EXERCISE INSTRUCTIONS: For every line in the data below that contains "import", copy the line.

[[ SUPPLIED MATERIAL open ]]

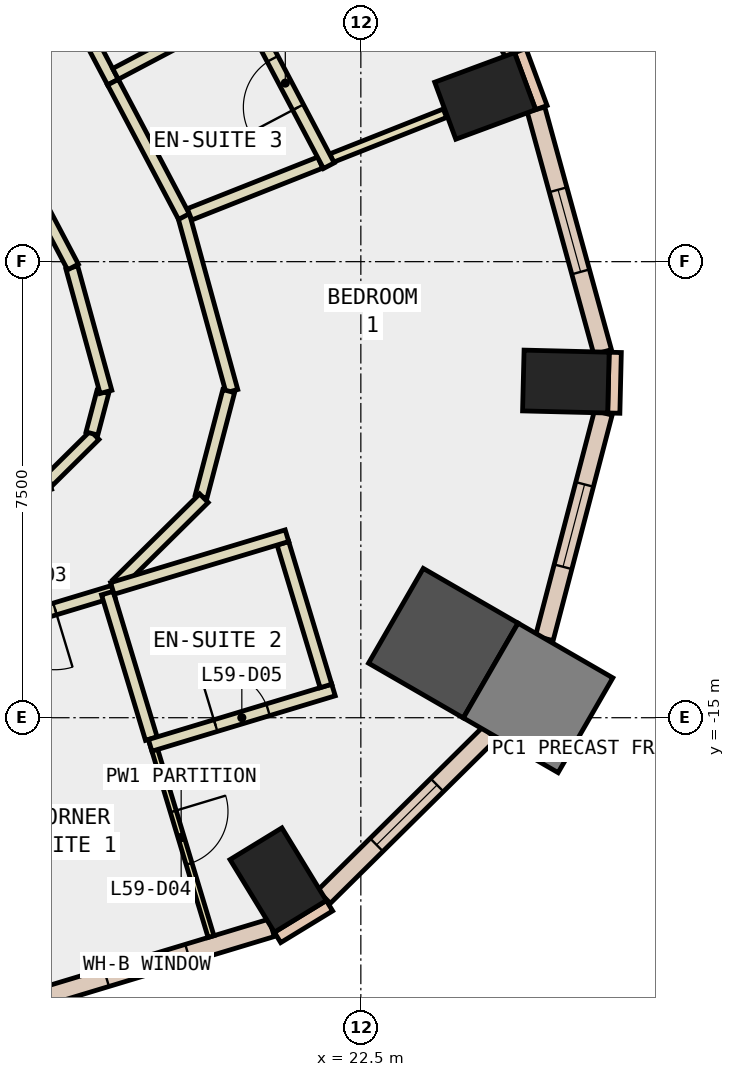
"""IFC4 building model, lengths in metres.
Left out: names, types, materials, properties, quantities, classifications, styles, units other than length and angle.
Written with IfcOpenShell. Run it as: python <this file> out.ifc"""

import sys

from ifc_helpers import new_model, si_unit, direction, frame, frame_2d, origin, origin_2d, place, context, subcontext, project, spatial, rectangle, extrude, element, fill, save


model = new_model("IFC4")
c1 = context("Model", 3, precision=1e-05, world=origin(), true_north=direction((0.0, 1.0)))
c2 = subcontext(c1, "Body", "Model", "MODEL_VIEW")
j1 = project(units=[si_unit("LENGTHUNIT", "METRE"), si_unit("PLANEANGLEUNIT", "RADIAN")], contexts=[c1])
p1 = place(None, origin())
s1 = spatial("IfcSite", under=j1, at=p1, CompositionType="ELEMENT")
p2 = place(p1, origin())
s2 = spatial("IfcBuilding", under=s1, at=p2, CompositionType="ELEMENT")
p3 = place(p2, frame((0.0, 0.0, 259.4)))
s3 = spatial("IfcBuildingStorey", under=s2, at=p3, CompositionType="ELEMENT", Elevation=259.4)
p4 = place(p3, frame((21.14, -17.67, -0.34), z_axis=(0.0, 0.0, 1.0), x_axis=(0.853341581839, 0.521352227103, 0.0)))
e1 = element("IfcColumn", 1, at=p4, inside=s3, PredefinedType="COLUMN", context=c2, shape_type="SweptSolid", body=[
    extrude(rectangle(XDim=1.0, YDim=1.4, at=origin_2d()), origin(), (0.0, 0.0, 1.0), 3.6),
])
p5 = place(p3, frame((23.856, -13.774, -0.34), z_axis=(0.0, 0.0, 1.0), x_axis=(-0.866025403784, 0.5, 0.0)))
e2 = element("IfcColumn", 2, at=p5, inside=s3, PredefinedType="COLUMN", context=c2, shape_type="SweptSolid", body=[
    extrude(rectangle(XDim=1.8, YDim=1.8, at=origin_2d()), origin(), (0.0, 0.0, 1.0), 3.6),
])
for number, where, z_axis, x_axis in (
    (3, (25.872, -9.472, -0.34), (0.0, 0.0, 1.0), (0.025, 1.0, 0.0)),
    (4, (24.545, -4.775, -0.34), (0.0, 0.0, 1.0), (-0.347, 0.938, 0.0)),
):
    element("IfcColumn", number, at=place(p3, frame(where, z_axis=z_axis, x_axis=x_axis)), inside=s3, PredefinedType="COLUMN", context=c2, shape_type="SweptSolid", body=[
        extrude(rectangle(XDim=1.0, YDim=1.4, at=origin_2d()), origin(), (0.0, 0.0, 1.0), 3.6),
    ])
p6 = place(p3, frame((25.415, -14.674, -0.34), z_axis=(0.0, 0.0, 1.0), x_axis=(-0.866025403784, 0.5, 0.0)))
e5 = element("IfcColumn", 5, at=p6, inside=s3, PredefinedType="COLUMN", context=c2, shape_type="SweptSolid", body=[
    extrude(rectangle(XDim=1.8, YDim=1.8, at=origin_2d()), origin(), (0.0, 0.0, 1.0), 3.6),
])
p7 = place(p3, frame((25.469, -4.967, 0.0), z_axis=(0.0, 0.0, 1.0), x_axis=(-0.346892928577, 0.937904737222, 0.0)))
e6 = element("IfcWall", 6, at=p7, inside=s3, PredefinedType="STANDARD", context=c2, shape_type="SweptSolid", body=[
    extrude(rectangle(XDim=1.0, YDim=0.2, at=frame_2d((0.5, 0.0))), origin(), (0.0, 0.0, 1.0), 3.26),
])
p8 = place(p3, frame((21.13, -18.613, 0.0), z_axis=(0.0, 0.0, 1.0), x_axis=(0.853679739553, 0.520798331677, 0.0)))
e7 = element("IfcWall", 7, at=p8, inside=s3, PredefinedType="STANDARD", context=c2, shape_type="SweptSolid", body=[
    extrude(rectangle(XDim=1.0, YDim=0.2, at=frame_2d((0.5, 0.0))), origin(), (0.0, 0.0, 1.0), 3.26),
])
p9 = place(p3, frame((26.66, -9.991, 0.0), z_axis=(0.0, 0.0, 1.0), x_axis=(0.024186470916, 0.999707464524, 0.0)))
e8 = element("IfcWall", 8, at=p9, inside=s3, PredefinedType="STANDARD", context=c2, shape_type="SweptSolid", body=[
    extrude(rectangle(XDim=0.999, YDim=0.2, at=frame_2d((0.5, 0.0))), origin(), (0.0, 0.0, 1.0), 3.26),
])
p10 = place(p3, frame((16.936, -19.692, 0.0), z_axis=(0.0, 0.0, 1.0), x_axis=(0.957346168713, 0.288943442997, 0.0)))
e9 = element("IfcWall", 9, at=p10, inside=s3, PredefinedType="STANDARD", context=c2, shape_type="SweptSolid", body=[
    extrude(rectangle(XDim=4.281, YDim=0.3, at=frame_2d((2.14, 0.0))), origin(), (0.0, 0.0, 1.0), 3.26),
])
p11 = place(p10, frame((1.44, 0.0, 0.9)))
e10 = element("IfcOpeningElement", 10, at=p11, cuts=e9, PredefinedType="OPENING", context=c2, shape_type="SweptSolid", body=[
    extrude(rectangle(XDim=1.4, YDim=2.0, at=frame_2d((0.7, 1.0))), frame((0.0, 0.16, 0.0), z_axis=(0.0, -1.0, 0.0), x_axis=(1.0, 0.0, 0.0)), (0.0, 0.0, 1.0), 0.32),
])
p12 = place(p3, frame((21.893, -17.946, 0.0), z_axis=(0.0, 0.0, 1.0), x_axis=(0.71110935557, 0.703081420904, 0.0)))
e11 = element("IfcWall", 11, at=p12, inside=s3, PredefinedType="STANDARD", context=c2, shape_type="SweptSolid", body=[
    extrude(rectangle(XDim=3.832, YDim=0.3, at=frame_2d((1.916, 0.0))), origin(), (0.0, 0.0, 1.0), 3.26),
])
p13 = place(p12, frame((1.216, 0.0, 0.9)))
e12 = element("IfcOpeningElement", 12, at=p13, cuts=e11, PredefinedType="OPENING", context=c2, shape_type="SweptSolid", body=[
    extrude(rectangle(XDim=1.4, YDim=2.0, at=frame_2d((0.7, 1.0))), frame((0.0, 0.16, 0.0), z_axis=(0.0, -1.0, 0.0), x_axis=(1.0, 0.0, 0.0)), (0.0, 0.0, 1.0), 0.32),
])
p14 = place(p3, frame((25.517, -13.695, 0.0), z_axis=(0.0, 0.0, 1.0), x_axis=(0.253248721632, 0.967401201669, 0.0)))
e13 = element("IfcWall", 13, at=p14, inside=s3, PredefinedType="STANDARD", context=c2, shape_type="SweptSolid", body=[
    extrude(rectangle(XDim=3.834, YDim=0.3, at=frame_2d((1.917, 0.0))), origin(), (0.0, 0.0, 1.0), 3.26),
])
p15 = place(p14, frame((1.217, 0.0, 0.9)))
e14 = element("IfcOpeningElement", 14, at=p15, cuts=e13, PredefinedType="OPENING", context=c2, shape_type="SweptSolid", body=[
    extrude(rectangle(XDim=1.4, YDim=2.0, at=frame_2d((0.7, 1.0))), frame((0.0, 0.16, 0.0), z_axis=(0.0, -1.0, 0.0), x_axis=(1.0, 0.0, 0.0)), (0.0, 0.0, 1.0), 0.32),
])
p16 = place(p3, frame((26.477, -8.987, 0.0), z_axis=(0.0, 0.0, 1.0), x_axis=(-0.264924661919, 0.964269113633, 0.0)))
e15 = element("IfcWall", 15, at=p16, inside=s3, PredefinedType="STANDARD", context=c2, shape_type="SweptSolid", body=[
    extrude(rectangle(XDim=4.137, YDim=0.3, at=frame_2d((2.068, 0.0))), origin(), (0.0, 0.0, 1.0), 3.26),
])
p17 = place(p16, frame((1.368, 0.0, 0.9)))
e16 = element("IfcOpeningElement", 16, at=p17, cuts=e15, PredefinedType="OPENING", context=c2, shape_type="SweptSolid", body=[
    extrude(rectangle(XDim=1.4, YDim=2.0, at=frame_2d((0.7, 1.0))), frame((0.0, 0.16, 0.0), z_axis=(0.0, -1.0, 0.0), x_axis=(1.0, 0.0, 0.0)), (0.0, 0.0, 1.0), 0.32),
])
p18 = place(p3, frame((25.012, -4.07, 0.0), z_axis=(0.0, 0.0, 1.0), x_axis=(-0.466663589714, 0.884434900959, 0.0)))
e17 = element("IfcWall", 17, at=p18, inside=s3, PredefinedType="STANDARD", context=c2, shape_type="SweptSolid", body=[
    extrude(rectangle(XDim=5.638, YDim=0.3, at=frame_2d((2.819, 0.0))), origin(), (0.0, 0.0, 1.0), 3.26),
])
p19 = place(p18, frame((0.459, 0.0, 0.9)))
e18 = element("IfcOpeningElement", 18, at=p19, cuts=e17, PredefinedType="OPENING", context=c2, shape_type="SweptSolid", body=[
    extrude(rectangle(XDim=1.9, YDim=2.0, at=frame_2d((0.95, 1.0))), frame((0.0, 0.16, 0.0), z_axis=(0.0, -1.0, 0.0), x_axis=(1.0, 0.0, 0.0)), (0.0, 0.0, 1.0), 0.32),
])
p20 = place(p18, frame((3.278, 0.0, 0.9)))
e19 = element("IfcOpeningElement", 19, at=p20, cuts=e17, PredefinedType="OPENING", context=c2, shape_type="SweptSolid", body=[
    extrude(rectangle(XDim=1.9, YDim=2.0, at=frame_2d((0.95, 1.0))), frame((0.0, 0.16, 0.0), z_axis=(0.0, -1.0, 0.0), x_axis=(1.0, 0.0, 0.0)), (0.0, 0.0, 1.0), 0.32),
])
p21 = place(p3, frame((17.362, -11.106, 0.0), z_axis=(0.0, 0.0, 1.0), x_axis=(0.710859741153, 0.703333795866, 0.0)))
e20 = element("IfcWall", 20, at=p21, inside=s3, PredefinedType="PARTITIONING", context=c2, shape_type="SweptSolid", body=[
    extrude(rectangle(XDim=1.071, YDim=0.2, at=frame_2d((0.535, 0.0))), origin(), (0.0, 0.0, 1.0), 3.26),
])
p22 = place(p3, frame((18.077, -10.326, 0.0), z_axis=(0.0, 0.0, 1.0), x_axis=(0.254782174857, 0.966998471237, 0.0)))
e21 = element("IfcWall", 21, at=p22, inside=s3, PredefinedType="PARTITIONING", context=c2, shape_type="SweptSolid", body=[
    extrude(rectangle(XDim=0.707, YDim=0.2, at=frame_2d((0.354, 0.0))), origin(), (0.0, 0.0, 1.0), 3.26),
])
p23 = place(p3, frame((18.308, -9.642, 0.0), z_axis=(0.0, 0.0, 1.0), x_axis=(-0.264859637197, 0.96428697626, 0.0)))
e22 = element("IfcWall", 22, at=p23, inside=s3, PredefinedType="PARTITIONING", context=c2, shape_type="SweptSolid", body=[
    extrude(rectangle(XDim=2.122, YDim=0.2, at=frame_2d((1.061, 0.0))), origin(), (0.0, 0.0, 1.0), 3.26),
])
p24 = place(p3, frame((17.766, -7.588, 0.0), z_axis=(0.0, 0.0, 1.0), x_axis=(-0.466727344864, 0.884401258228, 0.0)))
e23 = element("IfcWall", 23, at=p24, inside=s3, PredefinedType="PARTITIONING", context=c2, shape_type="SweptSolid", body=[
    extrude(rectangle(XDim=2.205, YDim=0.2, at=frame_2d((1.103, 0.0))), origin(), (0.0, 0.0, 1.0), 3.26),
])
p25 = place(p3, frame((18.427, -12.922, 0.0), z_axis=(0.0, 0.0, 1.0), x_axis=(-0.957336631432, -0.288975040651, 0.0)))
e24 = element("IfcWall", 24, at=p25, inside=s3, PredefinedType="PARTITIONING", context=c2, shape_type="SweptSolid", body=[
    extrude(rectangle(XDim=3.0, YDim=0.2, at=frame_2d((1.5, 0.0))), origin(), (0.0, 0.0, 1.0), 3.26),
])
p26 = place(p25, frame((1.0, 0.0, 0.0)))
e25 = element("IfcOpeningElement", 25, at=p26, cuts=e24, PredefinedType="OPENING", context=c2, shape_type="SweptSolid", body=[
    extrude(rectangle(XDim=1.0, YDim=2.1, at=frame_2d((0.5, 1.05))), frame((0.0, 0.11, 0.0), z_axis=(0.0, -1.0, 0.0), x_axis=(1.0, 0.0, 0.0)), (0.0, 0.0, 1.0), 0.22),
])
p27 = place(p3, frame((19.564, -6.662, 0.0), z_axis=(0.0, 0.0, 1.0), x_axis=(0.264876135597, -0.96428244451, 0.0)))
e26 = element("IfcWall", 26, at=p27, inside=s3, PredefinedType="PARTITIONING", context=c2, shape_type="SweptSolid", body=[
    extrude(rectangle(XDim=3.077, YDim=0.2, at=frame_2d((1.538, 0.0))), origin(), (0.0, 0.0, 1.0), 3.26),
])
p28 = place(p3, frame((20.327, -9.629, 0.0), z_axis=(0.0, 0.0, 1.0), x_axis=(-0.253192482031, -0.967415922467, 0.0)))
e27 = element("IfcWall", 27, at=p28, inside=s3, PredefinedType="PARTITIONING", context=c2, shape_type="SweptSolid", body=[
    extrude(rectangle(XDim=1.792, YDim=0.2, at=frame_2d((0.896, 0.0))), origin(), (0.0, 0.0, 1.0), 3.26),
])
p29 = place(p3, frame((19.919, -11.39, 0.0), z_axis=(0.0, 0.0, 1.0), x_axis=(-0.71104667794, -0.70314480855, 0.0)))
e28 = element("IfcWall", 28, at=p29, inside=s3, PredefinedType="PARTITIONING", context=c2, shape_type="SweptSolid", body=[
    extrude(rectangle(XDim=2.008, YDim=0.2, at=frame_2d((1.004, 0.0))), origin(), (0.0, 0.0, 1.0), 3.26),
])
p30 = place(p3, frame((16.778, -1.429, 0.0), z_axis=(0.0, 0.0, 1.0), x_axis=(0.466493865945, -0.884524433261, 0.0)))
e29 = element("IfcWall", 29, at=p30, inside=s3, PredefinedType="PARTITIONING", context=c2, shape_type="SweptSolid", body=[
    extrude(rectangle(XDim=3.526, YDim=0.2, at=frame_2d((1.763, 0.0))), origin(), (0.0, 0.0, 1.0), 3.26),
])
p31 = place(p30, frame((1.313, 0.0, 0.0)))
e30 = element("IfcOpeningElement", 30, at=p31, cuts=e29, PredefinedType="OPENING", context=c2, shape_type="SweptSolid", body=[
    extrude(rectangle(XDim=1.0, YDim=2.1, at=frame_2d((0.5, 1.05))), frame((0.0, 0.11, 0.0), z_axis=(0.0, -1.0, 0.0), x_axis=(1.0, 0.0, 0.0)), (0.0, 0.0, 1.0), 0.22),
])
p32 = place(p3, frame((18.423, -4.548, 0.0), z_axis=(0.0, 0.0, 1.0), x_axis=(0.466792565793, -0.884366835946, 0.0)))
e31 = element("IfcWall", 31, at=p32, inside=s3, PredefinedType="PARTITIONING", context=c2, shape_type="SweptSolid", body=[
    extrude(rectangle(XDim=2.5, YDim=0.2, at=frame_2d((1.25, 0.0))), origin(), (0.0, 0.0, 1.0), 3.26),
])
p33 = place(p3, frame((19.054, -15.344, 0.0), z_axis=(0.0, 0.0, 1.0), x_axis=(0.288803435252, -0.957388414274, 0.0)))
e32 = element("IfcWall", 32, at=p33, inside=s3, PredefinedType="PARTITIONING", context=c2, shape_type="SweptSolid", body=[
    extrude(rectangle(XDim=3.4, YDim=0.1, at=frame_2d((1.7, 0.0))), origin(), (0.0, 0.0, 1.0), 3.26),
])
p34 = place(p33, frame((1.25, 0.0, 0.0)))
e33 = element("IfcOpeningElement", 33, at=p34, cuts=e32, PredefinedType="OPENING", context=c2, shape_type="SweptSolid", body=[
    extrude(rectangle(XDim=0.9, YDim=2.1, at=frame_2d((0.45, 1.05))), frame((0.0, 0.06, 0.0), z_axis=(0.0, -1.0, 0.0), x_axis=(1.0, 0.0, 0.0)), (0.0, 0.0, 1.0), 0.12),
])
p35 = place(p3, frame((18.331, -12.951, 0.0), z_axis=(0.0, 0.0, 1.0), x_axis=(0.289175152117, -0.957276204341, 0.0)))
e34 = element("IfcWall", 34, at=p35, inside=s3, PredefinedType="PARTITIONING", context=c2, shape_type="SweptSolid", body=[
    extrude(rectangle(XDim=2.5, YDim=0.2, at=frame_2d((1.25, 0.0))), origin(), (0.0, 0.0, 1.0), 3.26),
])
p36 = place(p3, frame((19.035, -15.455, 0.0), z_axis=(0.0, 0.0, 1.0), x_axis=(0.957248369253, 0.28926728049, 0.0)))
e35 = element("IfcWall", 35, at=p36, inside=s3, PredefinedType="PARTITIONING", context=c2, shape_type="SweptSolid", body=[
    extrude(rectangle(XDim=3.15, YDim=0.2, at=frame_2d((1.575, 0.0))), origin(), (0.0, 0.0, 1.0), 3.26),
])
p37 = place(p36, frame((1.125, 0.0, 0.0)))
e36 = element("IfcOpeningElement", 36, at=p37, cuts=e35, PredefinedType="OPENING", context=c2, shape_type="SweptSolid", body=[
    extrude(rectangle(XDim=0.9, YDim=2.1, at=frame_2d((0.45, 1.05))), frame((0.0, 0.11, 0.0), z_axis=(0.0, -1.0, 0.0), x_axis=(1.0, 0.0, 0.0)), (0.0, 0.0, 1.0), 0.22),
])
p38 = place(p3, frame((21.926, -14.478, 0.0), z_axis=(0.0, 0.0, 1.0), x_axis=(-0.288928787246, 0.957350591947, 0.0)))
e37 = element("IfcWall", 37, at=p38, inside=s3, PredefinedType="PARTITIONING", context=c2, shape_type="SweptSolid", body=[
    extrude(rectangle(XDim=2.45, YDim=0.2, at=frame_2d((1.225, 0.0))), origin(), (0.0, 0.0, 1.0), 3.26),
])
p39 = place(p3, frame((21.285, -12.007, 0.0), z_axis=(0.0, 0.0, 1.0), x_axis=(-0.957329834998, -0.288997555392, 0.0)))
e38 = element("IfcWall", 38, at=p39, inside=s3, PredefinedType="PARTITIONING", context=c2, shape_type="SweptSolid", body=[
    extrude(rectangle(XDim=3.0, YDim=0.2, at=frame_2d((1.5, 0.0))), origin(), (0.0, 0.0, 1.0), 3.26),
])
p40 = place(p3, frame((22.02, -5.796, 0.0), z_axis=(0.0, 0.0, 1.0), x_axis=(0.929915172208, 0.367774078066, 0.0)))
e39 = element("IfcWall", 39, at=p40, inside=s3, PredefinedType="PARTITIONING", context=c2, shape_type="SweptSolid", body=[
    extrude(rectangle(XDim=2.003, YDim=0.15, at=frame_2d((1.002, 0.0))), origin(), (0.0, 0.0, 1.0), 3.26),
])
p41 = place(p3, frame((19.683, -6.722, 0.0), z_axis=(0.0, 0.0, 1.0), x_axis=(0.929744903847, 0.368204309821, 0.0)))
e40 = element("IfcWall", 40, at=p41, inside=s3, PredefinedType="PARTITIONING", context=c2, shape_type="SweptSolid", body=[
    extrude(rectangle(XDim=2.313, YDim=0.2, at=frame_2d((1.157, 0.0))), origin(), (0.0, 0.0, 1.0), 3.26),
])
p42 = place(p3, frame((21.974, -5.922, 0.0), z_axis=(0.0, 0.0, 1.0), x_axis=(-0.466401249432, 0.88457327256, 0.0)))
e41 = element("IfcWall", 41, at=p42, inside=s3, PredefinedType="PARTITIONING", context=c2, shape_type="SweptSolid", body=[
    extrude(rectangle(XDim=3.073, YDim=0.2, at=frame_2d((1.536, 0.0))), origin(), (0.0, 0.0, 1.0), 3.26),
])
p43 = place(p42, frame((1.086, 0.0, 0.0)))
e42 = element("IfcOpeningElement", 42, at=p43, cuts=e41, PredefinedType="OPENING", context=c2, shape_type="SweptSolid", body=[
    extrude(rectangle(XDim=0.9, YDim=2.1, at=frame_2d((0.45, 1.05))), frame((0.0, 0.11, 0.0), z_axis=(0.0, -1.0, 0.0), x_axis=(1.0, 0.0, 0.0)), (0.0, 0.0, 1.0), 0.22),
])
p44 = place(p3, frame((20.499, -3.339, 0.0), z_axis=(0.0, 0.0, 1.0), x_axis=(-0.884293452572, -0.466931568583, 0.0)))
e43 = element("IfcWall", 43, at=p44, inside=s3, PredefinedType="PARTITIONING", context=c2, shape_type="SweptSolid", body=[
    extrude(rectangle(XDim=2.3, YDim=0.2, at=frame_2d((1.15, 0.0))), origin(), (0.0, 0.0, 1.0), 3.26),
])
p45 = place(p11, origin())
e44 = element("IfcWindow", 44, at=p45, inside=s3, PartitioningType="SINGLE_PANEL", PredefinedType="WINDOW", context=c2, shape_type="SweptSolid", body=[
    extrude(rectangle(XDim=1.4, YDim=2.0, at=frame_2d((0.7, 1.0))), frame((0.0, 0.03, 0.0), z_axis=(0.0, -1.0, 0.0), x_axis=(1.0, 0.0, 0.0)), (0.0, 0.0, 1.0), 0.06),
])
fill(e10, e44)
p46 = place(p13, origin())
e45 = element("IfcWindow", 45, at=p46, inside=s3, PartitioningType="SINGLE_PANEL", PredefinedType="WINDOW", context=c2, shape_type="SweptSolid", body=[
    extrude(rectangle(XDim=1.4, YDim=2.0, at=frame_2d((0.7, 1.0))), frame((0.0, 0.03, 0.0), z_axis=(0.0, -1.0, 0.0), x_axis=(1.0, 0.0, 0.0)), (0.0, 0.0, 1.0), 0.06),
])
fill(e12, e45)
p47 = place(p15, origin())
e46 = element("IfcWindow", 46, at=p47, inside=s3, PartitioningType="SINGLE_PANEL", PredefinedType="WINDOW", context=c2, shape_type="SweptSolid", body=[
    extrude(rectangle(XDim=1.4, YDim=2.0, at=frame_2d((0.7, 1.0))), frame((0.0, 0.03, 0.0), z_axis=(0.0, -1.0, 0.0), x_axis=(1.0, 0.0, 0.0)), (0.0, 0.0, 1.0), 0.06),
])
fill(e14, e46)
p48 = place(p17, origin())
e47 = element("IfcWindow", 47, at=p48, inside=s3, PartitioningType="SINGLE_PANEL", PredefinedType="WINDOW", context=c2, shape_type="SweptSolid", body=[
    extrude(rectangle(XDim=1.4, YDim=2.0, at=frame_2d((0.7, 1.0))), frame((0.0, 0.03, 0.0), z_axis=(0.0, -1.0, 0.0), x_axis=(1.0, 0.0, 0.0)), (0.0, 0.0, 1.0), 0.06),
])
fill(e16, e47)
p49 = place(p26, origin())
e48 = element("IfcDoor", 48, at=p49, inside=s3, OperationType="SINGLE_SWING_LEFT", PredefinedType="DOOR", context=c2, shape_type="SweptSolid", body=[
    extrude(rectangle(XDim=1.0, YDim=2.1, at=frame_2d((0.5, 1.05))), frame((0.0, 0.025, 0.0), z_axis=(0.0, -1.0, 0.0), x_axis=(1.0, 0.0, 0.0)), (0.0, 0.0, 1.0), 0.05),
])
fill(e25, e48)
p50 = place(p34, origin())
e49 = element("IfcDoor", 49, at=p50, inside=s3, OperationType="SINGLE_SWING_RIGHT", PredefinedType="DOOR", context=c2, shape_type="SweptSolid", body=[
    extrude(rectangle(XDim=0.9, YDim=2.1, at=frame_2d((0.45, 1.05))), frame((0.0, 0.025, 0.0), z_axis=(0.0, -1.0, 0.0), x_axis=(1.0, 0.0, 0.0)), (0.0, 0.0, 1.0), 0.05),
])
fill(e33, e49)
p51 = place(p37, origin())
e50 = element("IfcDoor", 50, at=p51, inside=s3, OperationType="SINGLE_SWING_LEFT", PredefinedType="DOOR", context=c2, shape_type="SweptSolid", body=[
    extrude(rectangle(XDim=0.9, YDim=2.1, at=frame_2d((0.45, 1.05))), frame((0.0, 0.025, 0.0), z_axis=(0.0, -1.0, 0.0), x_axis=(1.0, 0.0, 0.0)), (0.0, 0.0, 1.0), 0.05),
])
fill(e36, e50)
p52 = place(p43, origin())
e51 = element("IfcDoor", 51, at=p52, inside=s3, OperationType="SINGLE_SWING_RIGHT", PredefinedType="DOOR", context=c2, shape_type="SweptSolid", body=[
    extrude(rectangle(XDim=0.9, YDim=2.1, at=frame_2d((0.45, 1.05))), frame((0.0, 0.025, 0.0), z_axis=(0.0, -1.0, 0.0), x_axis=(1.0, 0.0, 0.0)), (0.0, 0.0, 1.0), 0.05),
])
fill(e42, e51)
save(model, sys.argv[1])

[[ SUPPLIED MATERIAL closed ]]

THE ANSWER:
import sys
from ifc_helpers import new_model, si_unit, direction, frame, frame_2d, origin, origin_2d, place, context, subcontext, project, spatial, rectangle, extrude, element, fill, save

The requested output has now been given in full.